WHAT YOU SHOULD DO: The answer is a stretch of the material below, returned exactly: the line containing "0.625, 0.0), z_axis=(0.0, 0.0, 1.0), x_axis=(1.0, 0.0, 0.0)))", the line containing "0.625, 0.0), z_axis=(0.0, 0.0, 1.0), x_axis=(0.0, 1.0, 0.0)))", and all lines between.

RECORDS FOR THIS EXERCISE:
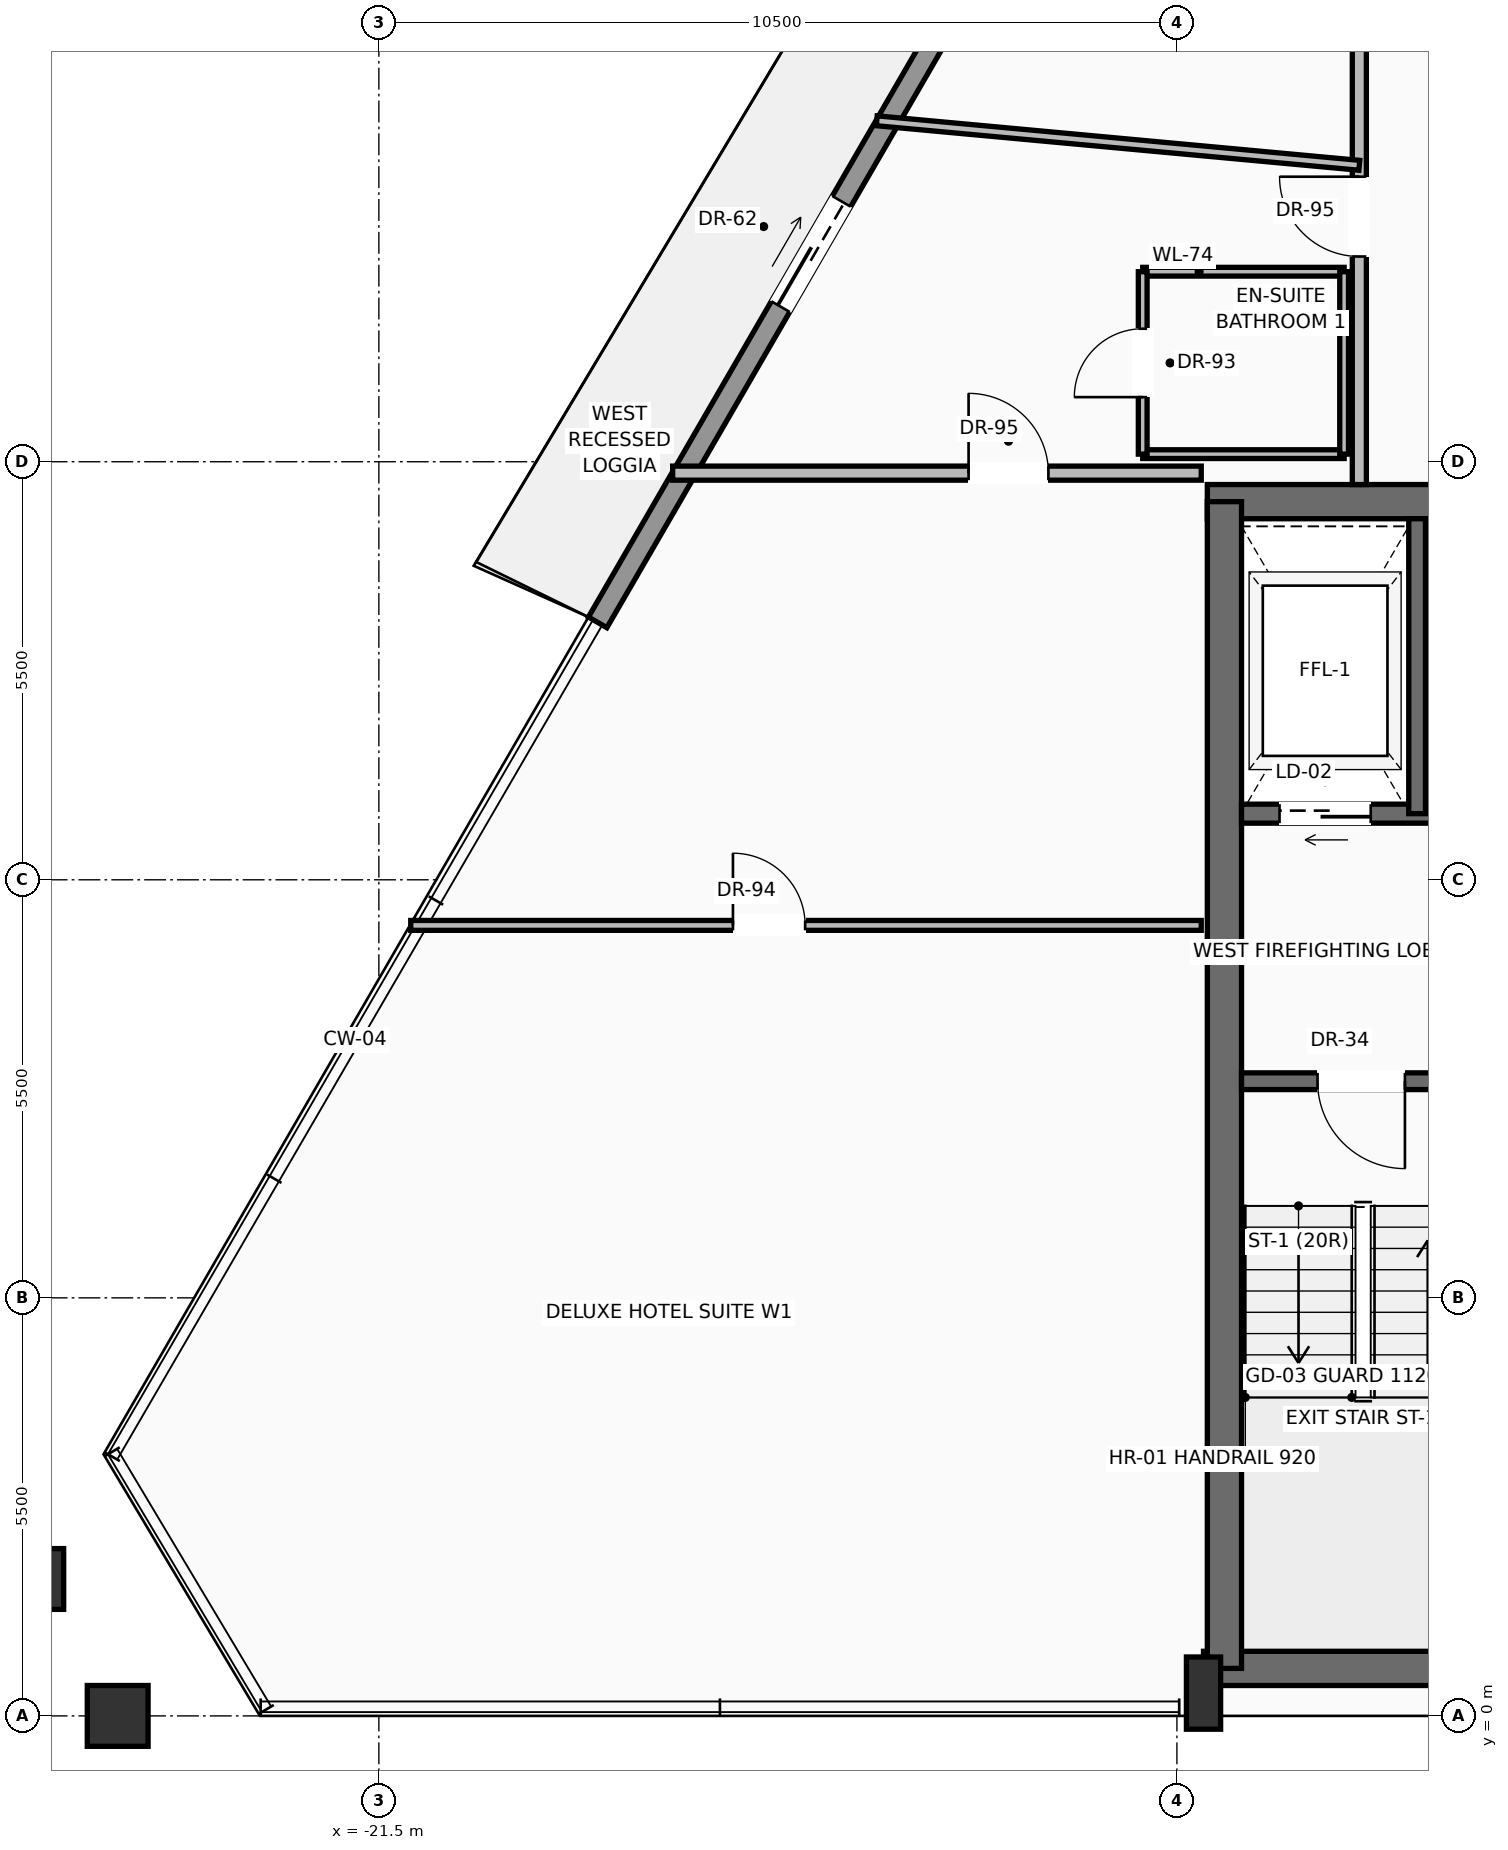
"""IFC4 building model, lengths in metres.
Left out: names, types, materials, properties, quantities, classifications, styles, units other than length and angle.
Written with IfcOpenShell. Run it as: python <this file> out.ifc"""

import sys

from ifc_helpers import new_model, si_unit, direction, frame, frame_2d, origin, origin_2d, place, context, subcontext, project, spatial, rectangle, hollow_rectangle, extrude, source, transform, mapped, element, fill, save


model = new_model("IFC4")
c1 = context("Model", 3, precision=1e-05, world=origin(), true_north=direction((0.0, 1.0)))
c2 = subcontext(c1, "Body", "Model", "MODEL_VIEW")
j1 = project(units=[si_unit("LENGTHUNIT", "METRE"), si_unit("PLANEANGLEUNIT", "RADIAN")], contexts=[c1])
p1 = place(None, origin())
s1 = spatial("IfcSite", under=j1, at=p1, CompositionType="ELEMENT")
p2 = place(p1, origin())
s2 = spatial("IfcBuilding", under=s1, at=p2, CompositionType="ELEMENT")
p3 = place(p2, frame((0.0, 0.0, 269.55)))
s3 = spatial("IfcBuildingStorey", under=s2, at=p3, CompositionType="ELEMENT", Elevation=269.55)
p4 = place(p3, frame((-10.65, 0.625, 0.0), z_axis=(0.0, 0.0, 1.0), x_axis=(1.0, 0.0, 0.0)))
e1 = element("IfcWall", 1, at=p4, inside=s3, PredefinedType="SHEAR", context=c2, shape_type="SweptSolid", body=[
    extrude(rectangle(XDim=21.3, YDim=0.45, at=frame_2d((10.65, 0.0))), origin(), (0.0, 0.0, 1.0), 3.24),
])
p5 = place(p3, frame((-10.6, 15.975, 0.0), z_axis=(0.0, 0.0, 1.0), x_axis=(1.0, 0.0, 0.0)))
e2 = element("IfcWall", 2, at=p5, inside=s3, PredefinedType="SHEAR", context=c2, shape_type="SweptSolid", body=[
    extrude(rectangle(XDim=21.2, YDim=0.45, at=frame_2d((10.6, 0.0))), origin(), (0.0, 0.0, 1.0), 3.24),
])
p6 = place(p5, frame((3.17, 0.0, 0.0)))
e3 = element("IfcOpeningElement", 3, at=p6, cuts=e2, PredefinedType="OPENING", context=c2, shape_type="SweptSolid", body=[
    extrude(rectangle(XDim=1.3, YDim=2.3, at=frame_2d((0.65, 1.15))), frame((0.0, 0.235, 0.0), z_axis=(0.0, -1.0, 0.0), x_axis=(1.0, 0.0, 0.0)), (0.0, 0.0, 1.0), 0.47),
])
p7 = place(p5, frame((9.6, 0.0, 0.0)))
e4 = element("IfcOpeningElement", 4, at=p7, cuts=e2, PredefinedType="OPENING", context=c2, shape_type="SweptSolid", body=[
    extrude(rectangle(XDim=2.0, YDim=2.4, at=frame_2d((1.0, 1.2))), frame((0.0, 0.235, 0.0), z_axis=(0.0, -1.0, 0.0), x_axis=(1.0, 0.0, 0.0)), (0.0, 0.0, 1.0), 0.47),
])
p8 = place(p3, frame((-10.375, 0.625, 0.0), z_axis=(0.0, 0.0, 1.0), x_axis=(0.0, 1.0, 0.0)))
e5 = element("IfcWall", 5, at=p8, inside=s3, PredefinedType="SHEAR", context=c2, shape_type="SweptSolid", body=[
    extrude(rectangle(XDim=15.35, YDim=0.45, at=frame_2d((7.675, 0.0))), origin(), (0.0, 0.0, 1.0), 3.24),
])
m1 = source(origin(), c2, "Body", "SweptSolid", [
    extrude(rectangle(XDim=0.45, YDim=0.95, at=origin_2d()), origin(), (0.0, 0.0, 1.0), 3.45),
])
p9 = place(p3, frame((-10.65, 0.3, 0.0), z_axis=(0.0, 0.0, 1.0), x_axis=(1.0, 0.0, 0.0)))
e6 = element("IfcColumn", 6, at=p9, inside=s3, PredefinedType="PILASTER", context=c2, shape_type="MappedRepresentation", body=[
    mapped(m1, transform((0.0, 0.0, 0.0), scale=1.0)),
])
m2 = source(origin(), c2, "Body", "SweptSolid", [
    extrude(hollow_rectangle(XDim=0.8, YDim=0.8, WallThickness=0.04, at=origin_2d()), origin(), (0.0, 0.0, 1.0), 3.441),
])
p10 = place(p3, frame((-24.936, 0.0, 0.004), z_axis=(0.0003547357, 0.0, 0.999999937081), x_axis=(1.0, 0.0, 0.0)))
e7 = element("IfcColumn", 7, at=p10, inside=s3, PredefinedType="COLUMN", context=c2, shape_type="MappedRepresentation", body=[
    mapped(m2, transform((0.0, 0.0, 0.0), scale=1.0)),
])
m3 = source(origin(), c2, "Body", "SweptSolid", [
    extrude(hollow_rectangle(XDim=0.8, YDim=0.8, WallThickness=0.04, at=origin_2d()), origin(), (0.0, 0.0, 1.0), 3.442),
])
p11 = place(p3, frame((-26.047, 1.801, 0.004), z_axis=(0.011845709499, -0.016598179777, 0.999792068179), x_axis=(0.8139684383, 0.580909099129, 0.0)))
e8 = element("IfcColumn", 8, at=p11, inside=s3, PredefinedType="COLUMN", context=c2, shape_type="MappedRepresentation", body=[
    mapped(m3, transform((0.0, 0.0, 0.0), scale=1.0)),
])
p12 = place(p3, frame((-18.621, 14.387, 0.0), z_axis=(0.0, 0.0, 1.0), x_axis=(0.501208020252, 0.865326828681, 0.0)))
e9 = element("IfcWall", 9, at=p12, inside=s3, PredefinedType="SOLIDWALL", context=c2, shape_type="SweptSolid", body=[
    extrude(rectangle(XDim=20.003, YDim=0.28, at=frame_2d((10.001, 0.0))), origin(), (0.0, 0.0, 1.0), 2.82),
])
p13 = place(p12, frame((4.801, 0.0, 0.0)))
e10 = element("IfcOpeningElement", 10, at=p13, cuts=e9, PredefinedType="OPENING", context=c2, shape_type="SweptSolid", body=[
    extrude(rectangle(XDim=1.6, YDim=2.35, at=frame_2d((0.8, 1.175))), frame((0.0, 0.15, 0.0), z_axis=(0.0, -1.0, 0.0), x_axis=(1.0, 0.0, 0.0)), (0.0, 0.0, 1.0), 0.3),
])
p14 = place(p12, frame((13.602, 0.0, 0.9)))
e11 = element("IfcOpeningElement", 11, at=p14, cuts=e9, PredefinedType="OPENING", context=c2, shape_type="SweptSolid", body=[
    extrude(rectangle(XDim=2.0, YDim=1.75, at=frame_2d((1.0, 0.875))), frame((0.0, 0.15, 0.0), z_axis=(0.0, -1.0, 0.0), x_axis=(1.0, 0.0, 0.0)), (0.0, 0.0, 1.0), 0.3),
])
p15 = place(p3, frame((-5.5, 8.35, 0.0), z_axis=(0.0, 0.0, 1.0), x_axis=(-1.0, 0.0, 0.0)))
e12 = element("IfcWall", 12, at=p15, inside=s3, PredefinedType="SOLIDWALL", context=c2, shape_type="SweptSolid", body=[
    extrude(rectangle(XDim=4.65, YDim=0.22, at=frame_2d((2.325, 0.0))), origin(), (0.0, 0.0, 1.0), 3.24),
])
p16 = place(p15, frame((2.5, 0.0, 0.0)))
e13 = element("IfcOpeningElement", 13, at=p16, cuts=e12, PredefinedType="OPENING", context=c2, shape_type="SweptSolid", body=[
    extrude(rectangle(XDim=1.15, YDim=2.2, at=frame_2d((0.575, 1.1))), frame((0.0, 0.12, 0.0), z_axis=(0.0, -1.0, 0.0), x_axis=(1.0, 0.0, 0.0)), (0.0, 0.0, 1.0), 0.24),
])
p17 = place(p3, frame((-5.5, 11.87, 0.0), z_axis=(0.0, 0.0, 1.0), x_axis=(-1.0, 0.0, 0.0)))
e14 = element("IfcWall", 14, at=p17, inside=s3, PredefinedType="SOLIDWALL", context=c2, shape_type="SweptSolid", body=[
    extrude(rectangle(XDim=4.65, YDim=0.25, at=frame_2d((2.325, 0.0))), origin(), (0.0, 0.0, 1.0), 3.24),
])
p18 = place(p17, frame((2.95, 0.0, 0.0)))
e15 = element("IfcOpeningElement", 15, at=p18, cuts=e14, PredefinedType="OPENING", context=c2, shape_type="SweptSolid", body=[
    extrude(rectangle(XDim=1.2, YDim=2.25, at=frame_2d((0.6, 1.125))), frame((0.0, 0.135, 0.0), z_axis=(0.0, -1.0, 0.0), x_axis=(1.0, 0.0, 0.0)), (0.0, 0.0, 1.0), 0.27),
])
p19 = place(p3, frame((-7.84, 11.87, 0.0), z_axis=(0.0, 0.0, 1.0), x_axis=(0.0, 1.0, 0.0)))
e16 = element("IfcWall", 16, at=p19, inside=s3, PredefinedType="SOLIDWALL", context=c2, shape_type="SweptSolid", body=[
    extrude(rectangle(XDim=3.88, YDim=0.22, at=frame_2d((1.94, 0.0))), origin(), (0.0, 0.0, 1.0), 3.24),
])
p20 = place(p3, frame((-8.6, 16.2, 0.0), z_axis=(0.0, 0.0, 1.0), x_axis=(0.0, 1.0, 0.0)))
e17 = element("IfcWall", 17, at=p20, inside=s3, PredefinedType="PARTITIONING", context=c2, shape_type="SweptSolid", body=[
    extrude(rectangle(XDim=13.8, YDim=0.185, at=frame_2d((6.9, 0.0))), origin(), (0.0, 0.0, 1.0), 3.232),
])
p21 = place(p20, frame((3.0, 0.0, 0.0)))
e18 = element("IfcOpeningElement", 18, at=p21, cuts=e17, PredefinedType="OPENING", context=c2, shape_type="SweptSolid", body=[
    extrude(rectangle(XDim=1.05, YDim=2.25, at=frame_2d((0.525, 1.125))), frame((0.0, 0.103, 0.0), z_axis=(0.0, -1.0, 0.0), x_axis=(1.0, 0.0, 0.0)), (0.0, 0.0, 1.0), 0.205),
])
p22 = place(p20, frame((7.088, 0.0, 0.0)))
e19 = element("IfcOpeningElement", 19, at=p22, cuts=e17, PredefinedType="OPENING", context=c2, shape_type="SweptSolid", body=[
    extrude(rectangle(XDim=1.05, YDim=2.25, at=frame_2d((0.525, 1.125))), frame((0.0, 0.103, 0.0), z_axis=(0.0, -1.0, 0.0), x_axis=(1.0, 0.0, 0.0)), (0.0, 0.0, 1.0), 0.205),
])
p23 = place(p3, frame((-17.635, 16.35, 0.0), z_axis=(0.0, 0.0, 1.0), x_axis=(1.0, 0.0, 0.0)))
e20 = element("IfcWall", 20, at=p23, inside=s3, PredefinedType="PARTITIONING", context=c2, shape_type="SweptSolid", body=[
    extrude(rectangle(XDim=6.955, YDim=0.185, at=frame_2d((3.477, 0.0))), origin(), (0.0, 0.0, 1.0), 3.232),
])
p24 = place(p23, frame((3.893, 0.0, 0.0)))
e21 = element("IfcOpeningElement", 21, at=p24, cuts=e20, PredefinedType="OPENING", context=c2, shape_type="SweptSolid", body=[
    extrude(rectangle(XDim=1.05, YDim=2.25, at=frame_2d((0.525, 1.125))), frame((0.0, 0.103, 0.0), z_axis=(0.0, -1.0, 0.0), x_axis=(1.0, 0.0, 0.0)), (0.0, 0.0, 1.0), 0.205),
])
p25 = place(p3, frame((-21.081, 10.4, 0.0), z_axis=(0.0, 0.0, 1.0), x_axis=(1.0, 0.0, 0.0)))
e22 = element("IfcWall", 22, at=p25, inside=s3, PredefinedType="PARTITIONING", context=c2, shape_type="SweptSolid", body=[
    extrude(rectangle(XDim=10.401, YDim=0.13, at=frame_2d((5.2, 0.0))), origin(), (0.0, 0.0, 1.0), 3.232),
])
p26 = place(p25, frame((4.239, 0.0, 0.0)))
e23 = element("IfcOpeningElement", 23, at=p26, cuts=e22, PredefinedType="OPENING", context=c2, shape_type="SweptSolid", body=[
    extrude(rectangle(XDim=0.95, YDim=2.2, at=frame_2d((0.475, 1.1))), frame((0.0, 0.075, 0.0), z_axis=(0.0, -1.0, 0.0), x_axis=(1.0, 0.0, 0.0)), (0.0, 0.0, 1.0), 0.15),
])
for number, where, z_axis, x_axis in (
    (24, (-11.45, 16.6, 0.0), (0.0, 0.0, 1.0), (1.0, 0.0, 0.0)),
    (25, (-11.45, 19.0, 0.0), (0.0, 0.0, 1.0), (1.0, 0.0, 0.0)),
):
    element("IfcWall", number, at=place(p3, frame(where, z_axis=z_axis, x_axis=x_axis)), inside=s3, PredefinedType="PARTITIONING", context=c2, shape_type="SweptSolid", body=[
        extrude(rectangle(XDim=2.65, YDim=0.115, at=frame_2d((1.325, 0.0))), origin(), (0.0, 0.0, 1.0), 3.232),
    ])
p27 = place(p3, frame((-11.45, 16.6, 0.0), z_axis=(0.0, 0.0, 1.0), x_axis=(0.0, 1.0, 0.0)))
e26 = element("IfcWall", 26, at=p27, inside=s3, PredefinedType="PARTITIONING", context=c2, shape_type="SweptSolid", body=[
    extrude(rectangle(XDim=2.4, YDim=0.115, at=frame_2d((1.2, 0.0))), origin(), (0.0, 0.0, 1.0), 3.232),
])
p28 = place(p27, frame((0.75, 0.0, 0.0)))
e27 = element("IfcOpeningElement", 27, at=p28, cuts=e26, PredefinedType="OPENING", context=c2, shape_type="SweptSolid", body=[
    extrude(rectangle(XDim=0.9, YDim=2.15, at=frame_2d((0.45, 1.075))), frame((0.0, 0.067, 0.0), z_axis=(0.0, -1.0, 0.0), x_axis=(1.0, 0.0, 0.0)), (0.0, 0.0, 1.0), 0.135),
])
p29 = place(p3, frame((-8.8, 16.6, 0.0), z_axis=(0.0, 0.0, 1.0), x_axis=(0.0, 1.0, 0.0)))
e28 = element("IfcWall", 28, at=p29, inside=s3, PredefinedType="PARTITIONING", context=c2, shape_type="SweptSolid", body=[
    extrude(rectangle(XDim=2.4, YDim=0.115, at=frame_2d((1.2, 0.0))), origin(), (0.0, 0.0, 1.0), 3.232),
])
p30 = place(p3, frame((-14.949, 20.986, 0.0), z_axis=(0.0, 0.0, 1.0), x_axis=(0.995772122892, -0.091857929817, 0.0)))
e29 = element("IfcWall", 29, at=p30, inside=s3, PredefinedType="PARTITIONING", context=c2, shape_type="SweptSolid", body=[
    extrude(rectangle(XDim=6.376, YDim=0.13, at=frame_2d((3.188, 0.0))), origin(), (0.0, 0.0, 1.0), 3.232),
])
m4 = source(origin(), c2, "Body", "SweptSolid", [
    extrude(rectangle(XDim=1.6, YDim=2.35, at=frame_2d((0.8, 1.175))), frame((0.0, 0.025, 0.0), z_axis=(0.0, -1.0, 0.0), x_axis=(1.0, 0.0, 0.0)), (0.0, 0.0, 1.0), 0.05),
])
p31 = place(p13, origin())
e30 = element("IfcDoor", 30, at=p31, inside=s3, OperationType="SLIDING_TO_LEFT", PredefinedType="DOOR", context=c2, shape_type="MappedRepresentation", body=[
    mapped(m4, transform((0.0, 0.0, 0.0), scale=1.0)),
])
fill(e10, e30)
m5 = source(origin(), c2, "Body", "SweptSolid", [
    extrude(rectangle(XDim=1.15, YDim=2.2, at=frame_2d((0.575, 1.1))), frame((0.0, 0.025, 0.0), z_axis=(0.0, -1.0, 0.0), x_axis=(1.0, 0.0, 0.0)), (0.0, 0.0, 1.0), 0.05),
])
p32 = place(p16, origin())
e31 = element("IfcDoor", 31, at=p32, inside=s3, OperationType="SINGLE_SWING_LEFT", PredefinedType="DOOR", context=c2, shape_type="MappedRepresentation", body=[
    mapped(m5, transform((0.0, 0.0, 0.0), scale=1.0)),
])
fill(e13, e31)
m6 = source(origin(), c2, "Body", "SweptSolid", [
    extrude(rectangle(XDim=1.2, YDim=2.25, at=frame_2d((0.6, 1.125))), frame((0.0, 0.025, 0.0), z_axis=(0.0, -1.0, 0.0), x_axis=(1.0, 0.0, 0.0)), (0.0, 0.0, 1.0), 0.05),
])
p33 = place(p18, origin())
e32 = element("IfcDoor", 32, at=p33, inside=s3, OperationType="SLIDING_TO_LEFT", PredefinedType="DOOR", context=c2, shape_type="MappedRepresentation", body=[
    mapped(m6, transform((0.0, 0.0, 0.0), scale=1.0)),
])
fill(e15, e32)
m7 = source(origin(), c2, "Body", "SweptSolid", [
    extrude(rectangle(XDim=1.05, YDim=2.25, at=frame_2d((0.525, 1.125))), frame((0.0, 0.025, 0.0), z_axis=(0.0, -1.0, 0.0), x_axis=(1.0, 0.0, 0.0)), (0.0, 0.0, 1.0), 0.05),
])
p34 = place(p24, origin())
e33 = element("IfcDoor", 33, at=p34, inside=s3, OperationType="SINGLE_SWING_LEFT", PredefinedType="DOOR", context=c2, shape_type="MappedRepresentation", body=[
    mapped(m7, transform((0.0, 0.0, 0.0), scale=1.0)),
])
fill(e21, e33)
m8 = source(origin(), c2, "Body", "SweptSolid", [
    extrude(rectangle(XDim=0.95, YDim=2.2, at=frame_2d((0.475, 1.1))), frame((0.0, 0.025, 0.0), z_axis=(0.0, -1.0, 0.0), x_axis=(1.0, 0.0, 0.0)), (0.0, 0.0, 1.0), 0.05),
])
p35 = place(p26, origin())
e34 = element("IfcDoor", 34, at=p35, inside=s3, OperationType="SINGLE_SWING_LEFT", PredefinedType="DOOR", context=c2, shape_type="MappedRepresentation", body=[
    mapped(m8, transform((0.0, 0.0, 0.0), scale=1.0)),
])
fill(e23, e34)
p36 = place(p21, origin())
e35 = element("IfcDoor", 35, at=p36, inside=s3, OperationType="SINGLE_SWING_RIGHT", PredefinedType="DOOR", context=c2, shape_type="MappedRepresentation", body=[
    mapped(m7, transform((0.0, 0.0, 0.0), scale=1.0)),
])
fill(e18, e35)
m9 = source(origin(), c2, "Body", "SweptSolid", [
    extrude(rectangle(XDim=0.9, YDim=2.15, at=frame_2d((0.45, 1.075))), frame((0.0, 0.025, 0.0), z_axis=(0.0, -1.0, 0.0), x_axis=(1.0, 0.0, 0.0)), (0.0, 0.0, 1.0), 0.05),
])
p37 = place(p28, origin())
e36 = element("IfcDoor", 36, at=p37, inside=s3, OperationType="SINGLE_SWING_LEFT", PredefinedType="DOOR", context=c2, shape_type="MappedRepresentation", body=[
    mapped(m9, transform((0.0, 0.0, 0.0), scale=1.0)),
])
fill(e27, e36)
save(model, sys.argv[1])

COMPLETED TASK:
p4 = place(p3, frame((-10.65, 0.625, 0.0), z_axis=(0.0, 0.0, 1.0), x_axis=(1.0, 0.0, 0.0)))
e1 = element("IfcWall", 1, at=p4, inside=s3, PredefinedType="SHEAR", context=c2, shape_type="SweptSolid", body=[
    extrude(rectangle(XDim=21.3, YDim=0.45, at=frame_2d((10.65, 0.0))), origin(), (0.0, 0.0, 1.0), 3.24),
])
p5 = place(p3, frame((-10.6, 15.975, 0.0), z_axis=(0.0, 0.0, 1.0), x_axis=(1.0, 0.0, 0.0)))
e2 = element("IfcWall", 2, at=p5, inside=s3, PredefinedType="SHEAR", context=c2, shape_type="SweptSolid", body=[
    extrude(rectangle(XDim=21.2, YDim=0.45, at=frame_2d((10.6, 0.0))), origin(), (0.0, 0.0, 1.0), 3.24),
])
p6 = place(p5, frame((3.17, 0.0, 0.0)))
e3 = element("IfcOpeningElement", 3, at=p6, cuts=e2, PredefinedType="OPENING", context=c2, shape_type="SweptSolid", body=[
    extrude(rectangle(XDim=1.3, YDim=2.3, at=frame_2d((0.65, 1.15))), frame((0.0, 0.235, 0.0), z_axis=(0.0, -1.0, 0.0), x_axis=(1.0, 0.0, 0.0)), (0.0, 0.0, 1.0), 0.47),
])
p7 = place(p5, frame((9.6, 0.0, 0.0)))
e4 = element("IfcOpeningElement", 4, at=p7, cuts=e2, PredefinedType="OPENING", context=c2, shape_type="SweptSolid", body=[
    extrude(rectangle(XDim=2.0, YDim=2.4, at=frame_2d((1.0, 1.2))), frame((0.0, 0.235, 0.0), z_axis=(0.0, -1.0, 0.0), x_axis=(1.0, 0.0, 0.0)), (0.0, 0.0, 1.0), 0.47),
])
p8 = place(p3, frame((-10.375, 0.625, 0.0), z_axis=(0.0, 0.0, 1.0), x_axis=(0.0, 1.0, 0.0)))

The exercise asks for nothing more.